> TASK PROMPT: From the first line of the records below, transcribe each line exactly up to and including the one with "## Nets (pads, with"; pictures stay out.

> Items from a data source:
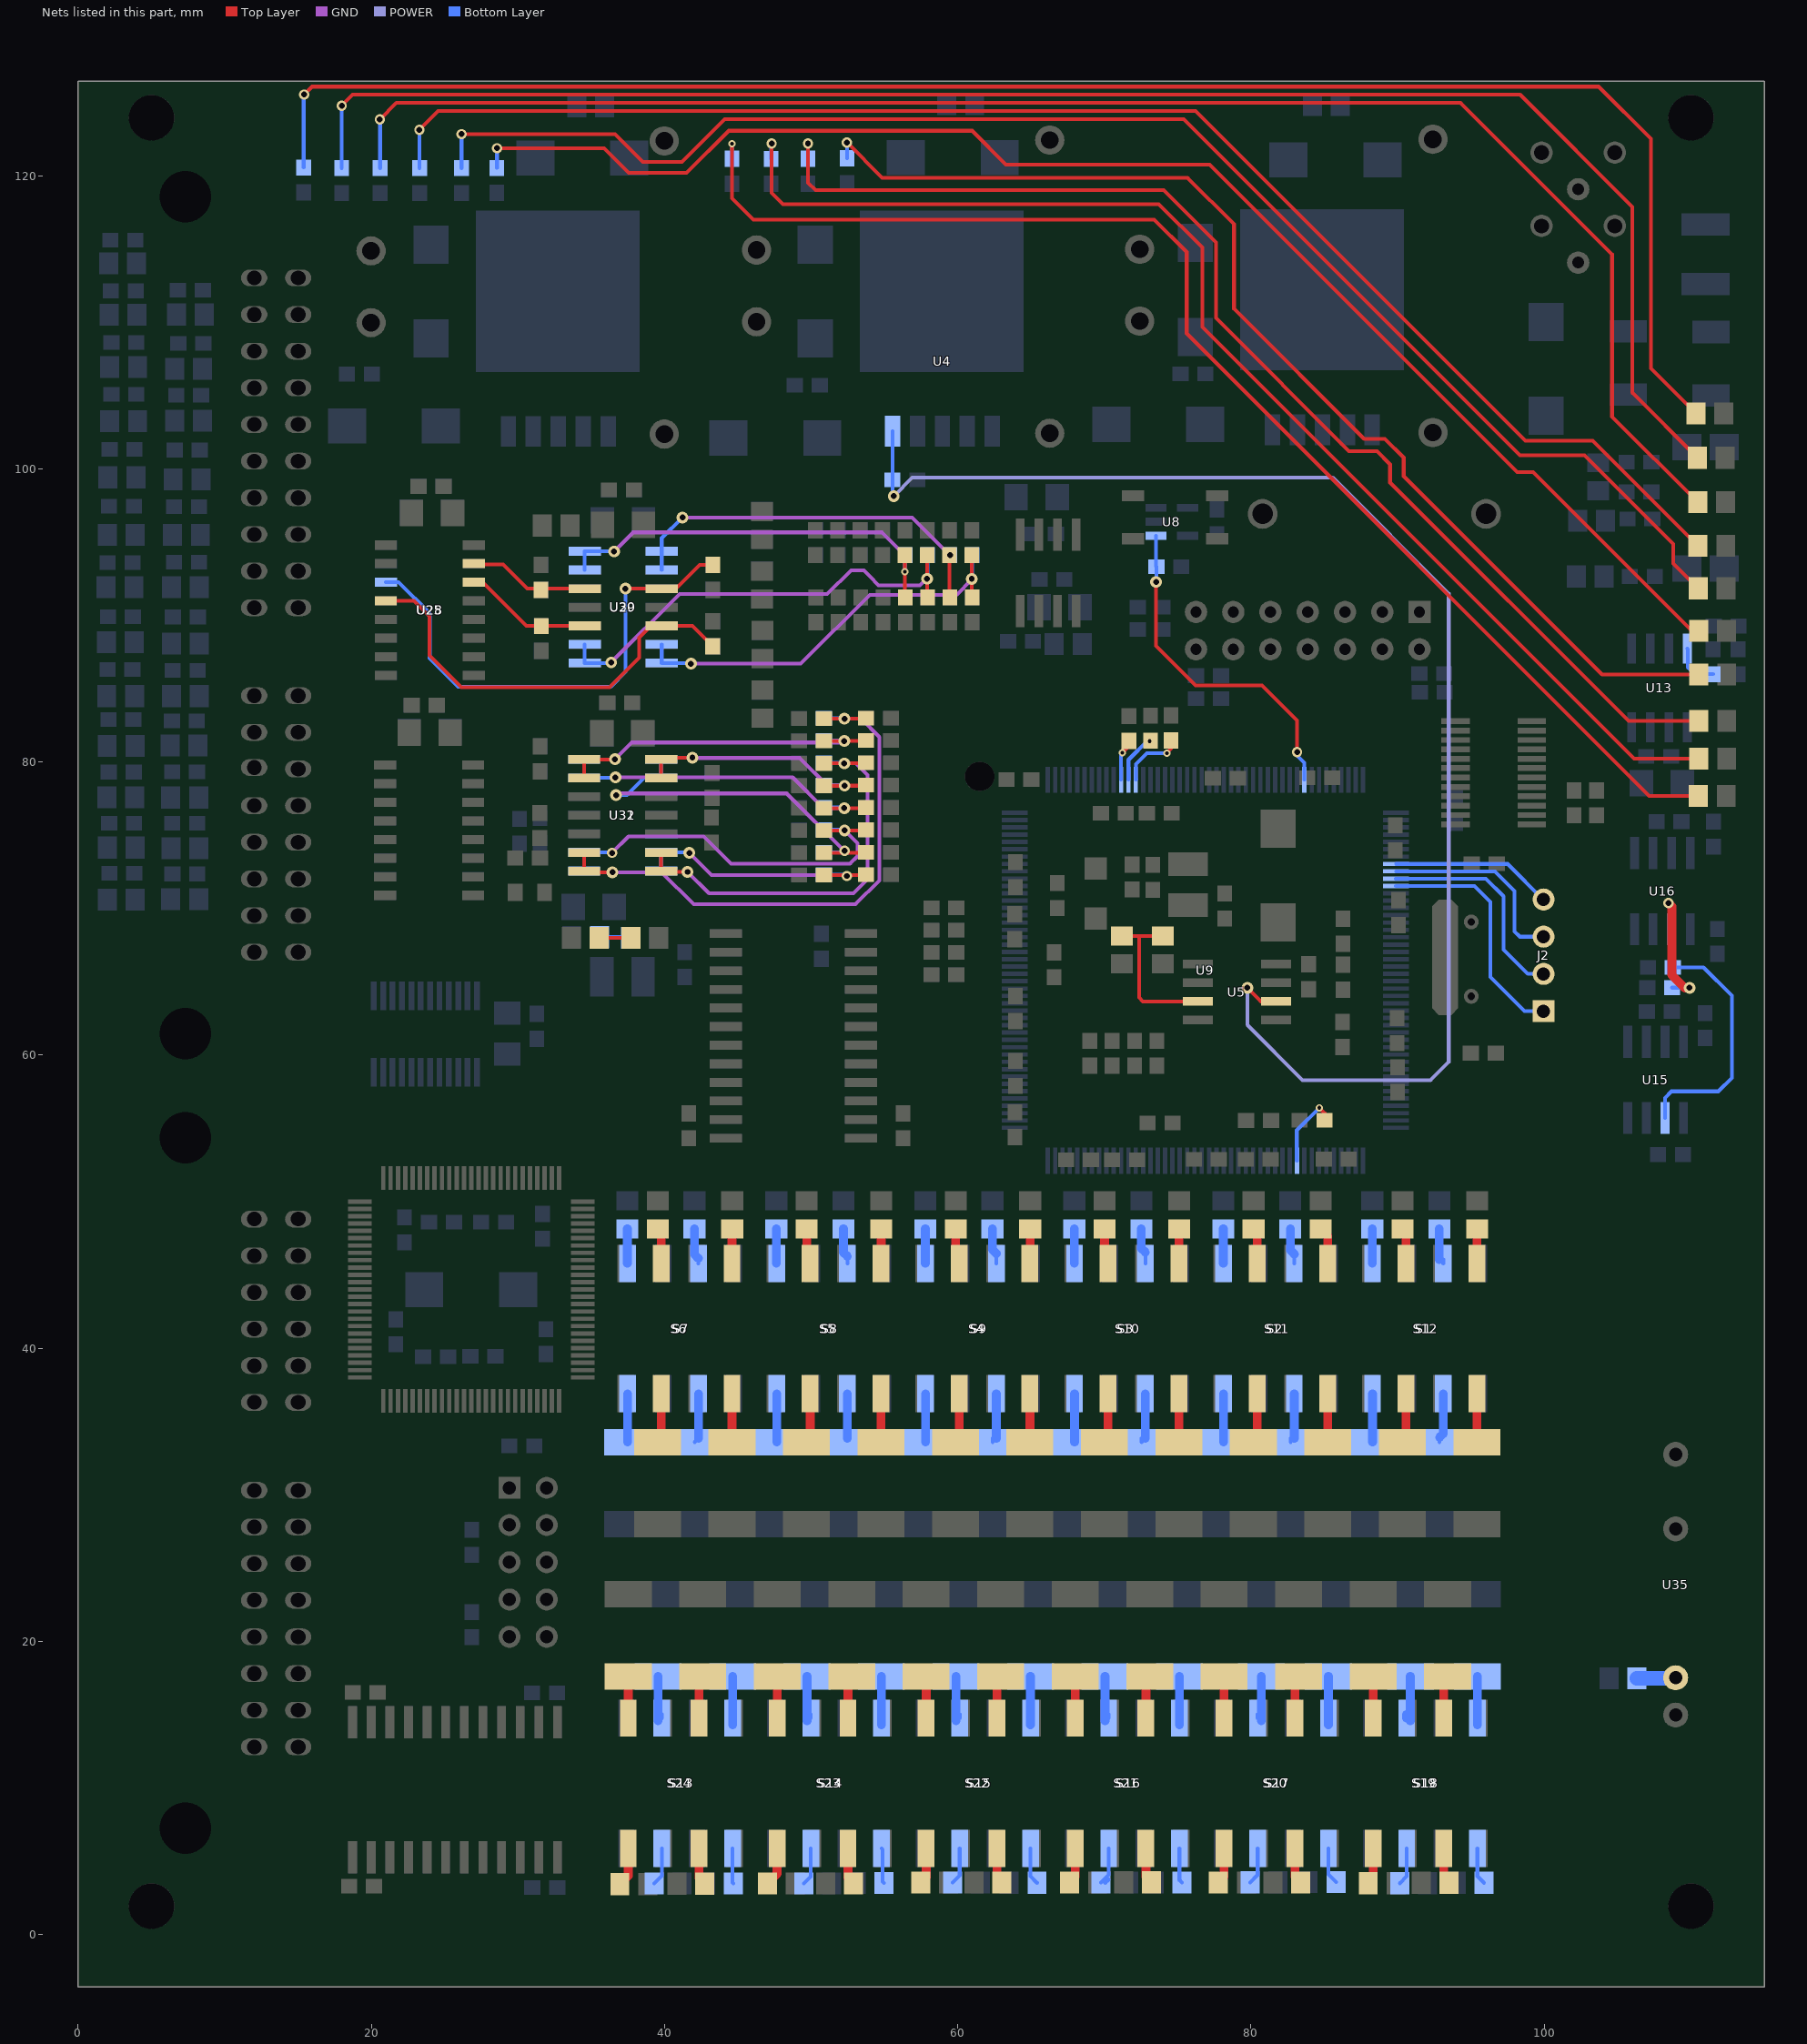
[diagram p0: the nets of this part, all layers, seen from the top]
# Altium PCB MISC86180.PCBDOC (part 8 of 9)
Units mm, origin at the board's own origin, x right, y up, seen from the top; angles counter-clockwise.
Board outline 115 x 130 mm, 4 copper layers (Top Layer, GND, POWER, Bottom Layer); 475 components, 355 nets, 1755 pads, 459 vias.

## Via types
v1: diameter 0.8, hole 0.4, Top Layer to Bottom Layer, 339 vias
v2: diameter 0.7, hole 0.4, Top Layer to Bottom Layer, 83 vias
v3: diameter 0.5, hole 0.254, Top Layer to Bottom Layer, 37 vias

## Nets (pads, with @x,y where several pads share a name; then routed paths per layer and width w, separated by ;. In a path a pad name is that pad's centre, name@x,y a point inside that pad or via, vN(x,y) a via of type N, cw(c..) or ccw(c..) an arc to the next point about the centre after c; other vN are vias at no path point) (continued)
NetC158_2: C158.2 R145.2 R146.2 U30.6 U30.7 | length 30.5
  Top Layer w0.254: R146.2@56.38,91.268 56.38,94.095 v3(56.38,92.99)
  GND w0.254: v1(36.55,94.36) 37.85,95.66 54.824,95.66 56.38,94.104 v3(56.38,92.99)
  Bottom Layer w0.254: U30.6@34.554,93.101 U30.7@34.554,94.371 36.539,94.371 v1(36.55,94.36) ; v3(56.38,92.99) 56.38,94.068 C158.2@56.416,94.104
NetC161_2: C161.2 R147.2 R148.2 U30.1 U30.2 | length 32.2
  Top Layer w0.254: R147.2@57.904,94.104 v1(57.904,92.5) 57.904,91.268 R148.2@57.94,91.232
  GND w0.254: v1(36.36,86.79) 41.02,91.45 51.09,91.45 52.717,93.077 53.59,93.077 53.987,92.68 53.987,92.673 54.6,92.06 57.41,92.06 57.85,92.5 v1(57.904,92.5)
  Bottom Layer w0.254: U30.2@34.554,88.021 U30.1@34.554,86.751 v1@36.321,86.751 ; v1@57.94,92.536 C161.2@57.94,94.104
NetC164_2: C164.2 R149.2 R150.2 U30.8 U30.9 | length 26.4
  Top Layer w0.254: R149.2@59.428,94.104 59.428,91.268 R150.2@59.464,91.232
  GND w0.254: v1(41.22,96.68) 56.888,96.68 v1(59.464,94.104)
  Bottom Layer w0.254: U30.9@39.804,93.101 U30.8@39.804,94.371 39.804,95.264 v1(41.22,96.68)
NetC167_2: C167.2 R151.2 R152.2 U30.13 U30.14 | length 29.5
  Top Layer w0.254: v1(60.95,92.49) 60.95,92.442 v1@60.952,92.44 ; R151.2@60.952,94.104 v1@60.952,92.44 ; R152.2@60.988,91.232 60.952,91.268 v1@60.952,92.44
  GND w0.254: v1(41.8,86.7) 49.29,86.7 53.99,91.4 59.912,91.4 60.952,92.44 60.95,92.442 v1(60.95,92.49)
  Bottom Layer w0.254: U30.13@39.804,88.021 U30.14@39.804,86.751 v1@41.749,86.751 ; v1(60.95,92.49) 60.95,92.442 60.952,92.44 60.988,92.476 C167.2@60.988,94.104
NetC170_2: C170.2 R153.2 R154.2 U31.6 U31.7 | length 41.2
  Top Layer w0.254: U31.7@34.514,72.555 U31.6@34.514,73.825 34.514,72.565 34.598,72.48 v1(36.44,72.48) ; R153.2@50.868,82.952 v1(52.27,82.952) R154.2@53.704,82.952
  GND w0.254: v1(36.44,72.48) 39.79,72.48 41.98,70.29 53.02,70.29 54.65,71.92 54.65,81.7 53.398,82.952 v1(52.27,82.952)
  Bottom Layer w0.254: C170.2@50.868,82.988 v1@52.234,82.988
NetC173_2: C173.2 R155.2 R156.2 U31.1 U31.2 | length 23.7
  Top Layer w0.254: U31.2@34.514,78.905 U31.1@34.514,80.175 v1@36.605,80.175 ; R155.2@50.868,81.428 v1(52.25,81.428) R156.2@53.704,81.428
  GND w0.254: v1(36.62,80.19) 37.76,81.33 52.152,81.33 v1(52.25,81.428)
  Bottom Layer w0.254: C173.2@50.868,81.464 v1@52.214,81.464
NetC176_2: C176.2 R157.2 R158.2 U31.8 U31.9 | length 30.8
  Top Layer w0.254: U31.8@39.764,72.555 U31.9@39.764,73.825 39.768,73.821 39.768,72.592 39.86,72.5 v1(41.56,72.5) ; R157.2@50.868,79.904 v1(52.25,79.904) R158.2@53.704,79.904
  GND w0.254: v1(41.56,72.5) 43.03,71.03 52.87,71.03 53.85,72.01 53.85,79.1 53.046,79.904 v1(52.25,79.904)
  Bottom Layer w0.254: C176.2@50.868,79.94 v1@52.214,79.94
NetC179_2: C179.2 R159.2 R160.2 U31.13 U31.14 | length 18.8
  Top Layer w0.254: U31.13@39.764,78.905 U31.14@39.764,80.175 39.888,80.3 v1(41.9,80.3) ; R159.2@50.868,78.38 v1(52.28,78.38) R160.2@53.704,78.38
  GND w0.254: v1(41.9,80.3) 41.93,80.27 49.219,80.27 51.11,78.38 v1(52.28,78.38)
  Bottom Layer w0.254: C179.2@50.868,78.416 v1@52.244,78.416
NetC182_2: C182.2 R161.2 R162.2 U32.6 U32.7 | length 24.1
  Top Layer w0.254: R161.2@50.868,76.856 v1(52.25,76.856) R162.2@53.704,76.856
  GND w0.254: v1(36.65,78.95) 48.74,78.95 50.834,76.856 v1(52.25,76.856)
  Bottom Layer w0.254: U32.7@34.514,80.185 U32.6@34.514,78.915 36.615,78.915 v1(36.65,78.95) ; C182.2@50.868,76.892 v1@52.214,76.892
NetC185_2: C185.2 R163.2 R164.2 U32.1 U32.2 | length 27.7
  Top Layer w0.254: R163.2@50.868,75.332 v1(52.28,75.332) R164.2@53.704,75.332
  GND w0.254: v2(36.42,73.8) 37.54,74.92 42.66,74.92 44.53,73.05 52.648,73.05 53.17,73.572 53.17,74.442 v1(52.28,75.332)
  Bottom Layer w0.254: U32.1@34.514,72.565 U32.2@34.514,73.835 36.385,73.835 v2(36.42,73.8) ; C185.2@50.868,75.368 v1@52.244,75.368
NetC188_2: C188.2 R165.2 R166.2 U32.8 U32.9 | length 26.4
  Top Layer w0.254: R165.2@50.868,73.808 R166.2@53.704,73.808
  GND w0.254: v1(36.69,77.74) 36.8,77.85 48.338,77.85 52.238,73.95 v2(52.28,73.95)
  Bottom Layer w0.254: v1(36.69,77.74) 37.43,77.74 38.605,78.915 U32.9@39.764,78.915 U32.8@39.764,80.185 ; C188.2@50.868,73.844 52.174,73.844 v2(52.28,73.95)
NetC191_2: C191.2 R167.2 R168.2 U32.13 U32.14 | length 18.6
  Top Layer w0.254: R167.2@50.868,72.284 52.26,72.284 R168.2@53.704,72.284
  GND w0.254: v1(41.69,73.8) 43.206,72.284 v2@52.26,72.284
  Bottom Layer w0.254: U32.14@39.764,72.565 U32.13@39.764,73.835 41.655,73.835 v1(41.69,73.8) ; C191.2@50.868,72.32 v2@52.224,72.32
  other v2: 52.43,72.22
NetC199_2: C199.2 U9.56 | length 3.4
  Bottom Layer w0.254: U9.56@71.639,78.793 71.639,80.149 72.95,81.46 v3@73.13,81.46
  other v3: 73.09,81.42
NetC200_2: C200.2 U9.55 | length 2.9
  Top Layer w0.254: v3(71.22,80.63) 71.672,81.082 C200.2@71.672,81.43
  Bottom Layer w0.254: U9.55@71.139,78.793 v3@71.139,80.66
NetD1_1: D1.1 R94.2 | length 78.3
  Top Layer w0.254: v2(52.44,122.26) 54.84,119.86 75.67,119.86 78.84,116.69 78.84,110.92 87.71,102.05 89.13,102.05 90.41,100.77 90.41,99.49 103.938,85.962 D1.1@110.539,85.962
  Bottom Layer w0.254: v2(52.44,122.26) v2(52.44,122.26) R94.2@52.442,121.182
NetD2_1: D2.1 R95.2 | length 83.5
  Top Layer w0.254: v2(49.78,122.2) 49.78,119.52 50.3,119 74.04,119 77.6,115.44 77.6,110.28 86.68,101.2 88.59,101.2 89.48,100.31 89.48,99.06 105.748,82.792 D2.1@110.539,82.792
  Bottom Layer w0.254: v2(49.78,122.2) 49.788,122.192 R95.2@49.788,121.152
NetD3_1: D3.1 R96.2 | length 90.8
  Top Layer w0.254: v3(44.6,122.17) 44.6,118.46 46.06,117 73.4,117 75.61,114.79 75.61,109.23 107.158,77.682 D3.1@110.509,77.682
  Bottom Layer w0.254: v3(44.6,122.17) 44.61,122.16 R96.2@44.61,121.152
NetD4_1: D4.1 R97.2 | length 86.9
  Top Layer w0.254: v2(47.3,122.2) 47.3,118.83 48.07,118.06 73.71,118.06 76.67,115.1 76.67,109.68 106.128,80.222 D4.1@110.539,80.222
  Bottom Layer w0.254: R97.2@47.256,121.142 47.256,122.156 v2(47.3,122.2)
NetD5_1: D5.1 R98.2 | length 118.6
  Top Layer w0.254: v2(15.41,125.53) 15.951,126.071 103.709,126.071 107.27,122.51 107.27,106.851 D5.1@110.349,103.772
  Bottom Layer w0.254: R98.2@15.386,120.554 15.386,125.524 15.38,125.53 v2(15.41,125.53)
NetD6_1: D6.1 R99.2 | length 114.7
  Top Layer w0.254: v2(17.98,124.77) 18.727,125.517 98.353,125.517 106,117.87 106,105.191 D6.1@110.439,100.752
  Bottom Layer w0.254: R99.2@17.972,120.514 17.972,124.762 v2(17.98,124.77)
NetD7_1: D7.1 R100.2 | length 111.4
  Top Layer w0.254: v2(20.58,123.83) 21.713,124.963 94.287,124.963 104.62,114.63 104.62,103.571 D7.1@110.459,97.732
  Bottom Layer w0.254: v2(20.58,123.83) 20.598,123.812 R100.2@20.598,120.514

> YOUR RESPONSE:
[diagram p0: the nets of this part, all layers, seen from the top]
# Altium PCB MISC86180.PCBDOC (part 8 of 9)
Units mm, origin at the board's own origin, x right, y up, seen from the top; angles counter-clockwise.
Board outline 115 x 130 mm, 4 copper layers (Top Layer, GND, POWER, Bottom Layer); 475 components, 355 nets, 1755 pads, 459 vias.

## Via types
v1: diameter 0.8, hole 0.4, Top Layer to Bottom Layer, 339 vias
v2: diameter 0.7, hole 0.4, Top Layer to Bottom Layer, 83 vias
v3: diameter 0.5, hole 0.254, Top Layer to Bottom Layer, 37 vias

## Nets (pads, with @x,y where several pads share a name; then routed paths per layer and width w, separated by ;. In a path a pad name is that pad's centre, name@x,y a point inside that pad or via, vN(x,y) a via of type N, cw(c..) or ccw(c..) an arc to the next point about the centre after c; other vN are vias at no path point) (continued)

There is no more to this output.